Data supplied START

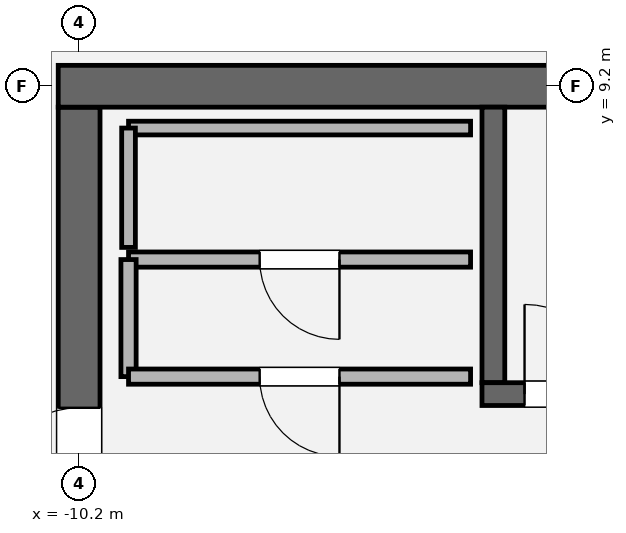
"""IFC4 building model, lengths in metres.
Left out: names, types, materials, properties, quantities, classifications, styles, units other than length and angle.
Written with IfcOpenShell. Run it as: python <this file> out.ifc"""

import sys

from ifc_helpers import new_model, si_unit, direction, frame, frame_2d, origin, place, context, subcontext, project, spatial, rectangle, extrude, element, fill, save


model = new_model("IFC4")
c1 = context("Model", 3, precision=1e-05, world=origin(), true_north=direction((0.0, 1.0)))
c2 = subcontext(c1, "Body", "Model", "MODEL_VIEW")
j1 = project(units=[si_unit("LENGTHUNIT", "METRE"), si_unit("PLANEANGLEUNIT", "RADIAN")], contexts=[c1])
p1 = place(None, origin())
s1 = spatial("IfcSite", under=j1, at=p1, CompositionType="ELEMENT")
p2 = place(p1, origin())
s2 = spatial("IfcBuilding", under=s1, at=p2, CompositionType="ELEMENT")
p3 = place(p2, frame((0.0, 0.0, 300.6)))
s3 = spatial("IfcBuildingStorey", under=s2, at=p3, CompositionType="ELEMENT", Elevation=300.6)
p4 = place(p3, frame((-10.2, -8.925, 0.0), z_axis=(0.0, 0.0, 1.0), x_axis=(0.0, 1.0, 0.0)))
e1 = element("IfcWall", 1, at=p4, inside=s3, PredefinedType="SHEAR", context=c2, shape_type="SweptSolid", body=[
    extrude(rectangle(XDim=17.85, YDim=0.55, at=frame_2d((8.925, 0.0))), origin(), (0.0, 0.0, 1.0), 4.2),
])
p5 = place(p4, frame((12.715, 0.0, 0.0)))
e2 = element("IfcOpeningElement", 2, at=p5, cuts=e1, PredefinedType="OPENING", context=c2, shape_type="SweptSolid", body=[
    extrude(rectangle(XDim=1.18, YDim=2.2, at=frame_2d((0.59, 1.1))), frame((0.0, 0.285, 0.0), z_axis=(0.0, -1.0, 0.0), x_axis=(1.0, 0.0, 0.0)), (0.0, 0.0, 1.0), 0.57),
])
p6 = place(p3, frame((-10.475, 9.2, 0.0), z_axis=(0.0, 0.0, 1.0), x_axis=(1.0, 0.0, 0.0)))
e3 = element("IfcWall", 3, at=p6, inside=s3, PredefinedType="SHEAR", context=c2, shape_type="SweptSolid", body=[
    extrude(rectangle(XDim=20.95, YDim=0.55, at=frame_2d((10.475, 0.0))), origin(), (0.0, 0.0, 1.0), 4.2),
])
p7 = place(p3, frame((-4.75, 5.3, 0.0), z_axis=(0.0, 0.0, 1.0), x_axis=(0.0, 1.0, 0.0)))
e4 = element("IfcWall", 4, at=p7, inside=s3, PredefinedType="SOLIDWALL", context=c2, shape_type="SweptSolid", body=[
    extrude(rectangle(XDim=3.625, YDim=0.3, at=frame_2d((1.812, 0.0))), origin(), (0.0, 0.0, 1.0), 4.2),
])
p8 = place(p3, frame((-4.9, 5.15, 0.0), z_axis=(0.0, 0.0, 1.0), x_axis=(1.0, 0.0, 0.0)))
e5 = element("IfcWall", 5, at=p8, inside=s3, PredefinedType="SOLIDWALL", context=c2, shape_type="SweptSolid", body=[
    extrude(rectangle(XDim=9.8, YDim=0.3, at=frame_2d((4.9, 0.0))), origin(), (0.0, 0.0, 1.0), 4.2),
])
p9 = place(p8, frame((0.56, 0.0, 0.0)))
e6 = element("IfcOpeningElement", 6, at=p9, cuts=e5, PredefinedType="OPENING", context=c2, shape_type="SweptSolid", body=[
    extrude(rectangle(XDim=1.18, YDim=2.2, at=frame_2d((0.59, 1.1))), frame((0.0, 0.16, 0.0), z_axis=(0.0, -1.0, 0.0), x_axis=(1.0, 0.0, 0.0)), (0.0, 0.0, 1.0), 0.32),
])
p10 = place(p3, frame((-5.05, 6.92, 0.0), z_axis=(0.0, 0.0, 1.0), x_axis=(-1.0, 0.0, 0.0)))
e7 = element("IfcWall", 7, at=p10, inside=s3, PredefinedType="SOLIDWALL", context=c2, shape_type="SweptSolid", body=[
    extrude(rectangle(XDim=4.5, YDim=0.2, at=frame_2d((2.25, 0.0))), origin(), (0.0, 0.0, 1.0), 4.0),
])
p11 = place(p10, frame((1.725, 0.0, 0.0)))
e8 = element("IfcOpeningElement", 8, at=p11, cuts=e7, PredefinedType="OPENING", context=c2, shape_type="SweptSolid", body=[
    extrude(rectangle(XDim=1.05, YDim=2.2, at=frame_2d((0.525, 1.1))), frame((0.0, 0.11, 0.0), z_axis=(0.0, -1.0, 0.0), x_axis=(1.0, 0.0, 0.0)), (0.0, 0.0, 1.0), 0.22),
])
p12 = place(p3, frame((-9.55, 6.92, 0.0), z_axis=(0.0, 0.0, 1.0), x_axis=(0.0, -1.0, 0.0)))
e9 = element("IfcWall", 9, at=p12, inside=s3, PredefinedType="SOLIDWALL", context=c2, shape_type="SweptSolid", body=[
    extrude(rectangle(XDim=1.54, YDim=0.2, at=frame_2d((0.77, 0.0))), origin(), (0.0, 0.0, 1.0), 4.0),
])
p13 = place(p3, frame((-9.55, 5.38, 0.0), z_axis=(0.0, 0.0, 1.0), x_axis=(1.0, 0.0, 0.0)))
e10 = element("IfcWall", 10, at=p13, inside=s3, PredefinedType="SOLIDWALL", context=c2, shape_type="SweptSolid", body=[
    extrude(rectangle(XDim=4.5, YDim=0.2, at=frame_2d((2.25, 0.0))), origin(), (0.0, 0.0, 1.0), 4.0),
])
p14 = place(p13, frame((1.725, 0.0, 0.0)))
e11 = element("IfcOpeningElement", 11, at=p14, cuts=e10, PredefinedType="OPENING", context=c2, shape_type="SweptSolid", body=[
    extrude(rectangle(XDim=1.05, YDim=2.2, at=frame_2d((0.525, 1.1))), frame((0.0, 0.11, 0.0), z_axis=(0.0, -1.0, 0.0), x_axis=(1.0, 0.0, 0.0)), (0.0, 0.0, 1.0), 0.22),
])
p15 = place(p3, frame((-5.05, 8.65, 0.0), z_axis=(0.0, 0.0, 1.0), x_axis=(-1.0, 0.0, 0.0)))
e12 = element("IfcWall", 12, at=p15, inside=s3, PredefinedType="PARTITIONING", context=c2, shape_type="SweptSolid", body=[
    extrude(rectangle(XDim=4.5, YDim=0.18, at=frame_2d((2.25, 0.0))), origin(), (0.0, 0.0, 1.0), 4.0),
])
p16 = place(p3, frame((-9.55, 8.65, 0.0), z_axis=(0.0, 0.0, 1.0), x_axis=(0.0, -1.0, 0.0)))
e13 = element("IfcWall", 13, at=p16, inside=s3, PredefinedType="PARTITIONING", context=c2, shape_type="SweptSolid", body=[
    extrude(rectangle(XDim=1.57, YDim=0.18, at=frame_2d((0.785, 0.0))), origin(), (0.0, 0.0, 1.0), 4.0),
])
p17 = place(p9, origin())
e14 = element("IfcDoor", 14, at=p17, inside=s3, OperationType="SINGLE_SWING_LEFT", PredefinedType="DOOR", context=c2, shape_type="SweptSolid", body=[
    extrude(rectangle(XDim=1.18, YDim=2.2, at=frame_2d((0.59, 1.1))), frame((0.0, 0.025, 0.0), z_axis=(0.0, -1.0, 0.0), x_axis=(1.0, 0.0, 0.0)), (0.0, 0.0, 1.0), 0.05),
])
fill(e6, e14)
p18 = place(p5, origin())
e15 = element("IfcDoor", 15, at=p18, inside=s3, OperationType="SINGLE_SWING_LEFT", PredefinedType="DOOR", context=c2, shape_type="SweptSolid", body=[
    extrude(rectangle(XDim=1.18, YDim=2.2, at=frame_2d((0.59, 1.1))), frame((0.0, 0.025, 0.0), z_axis=(0.0, -1.0, 0.0), x_axis=(1.0, 0.0, 0.0)), (0.0, 0.0, 1.0), 0.05),
])
fill(e2, e15)
p19 = place(p14, origin())
e16 = element("IfcDoor", 16, at=p19, inside=s3, OperationType="SINGLE_SWING_RIGHT", PredefinedType="DOOR", context=c2, shape_type="SweptSolid", body=[
    extrude(rectangle(XDim=1.05, YDim=2.2, at=frame_2d((0.525, 1.1))), frame((0.0, 0.025, 0.0), z_axis=(0.0, -1.0, 0.0), x_axis=(1.0, 0.0, 0.0)), (0.0, 0.0, 1.0), 0.05),
])
fill(e11, e16)
p20 = place(p11, origin())
e17 = element("IfcDoor", 17, at=p20, inside=s3, OperationType="SINGLE_SWING_LEFT", PredefinedType="DOOR", context=c2, shape_type="SweptSolid", body=[
    extrude(rectangle(XDim=1.05, YDim=2.2, at=frame_2d((0.525, 1.1))), frame((0.0, 0.025, 0.0), z_axis=(0.0, -1.0, 0.0), x_axis=(1.0, 0.0, 0.0)), (0.0, 0.0, 1.0), 0.05),
])
fill(e8, e17)
save(model, sys.argv[1])

Data supplied END

### [What is needed]
Identify the lines of the entries containing the string "SHEAR". Copy each such line.

### [Output for this task]
e1 = element("IfcWall", 1, at=p4, inside=s3, PredefinedType="SHEAR", context=c2, shape_type="SweptSolid", body=[
e3 = element("IfcWall", 3, at=p6, inside=s3, PredefinedType="SHEAR", context=c2, shape_type="SweptSolid", body=[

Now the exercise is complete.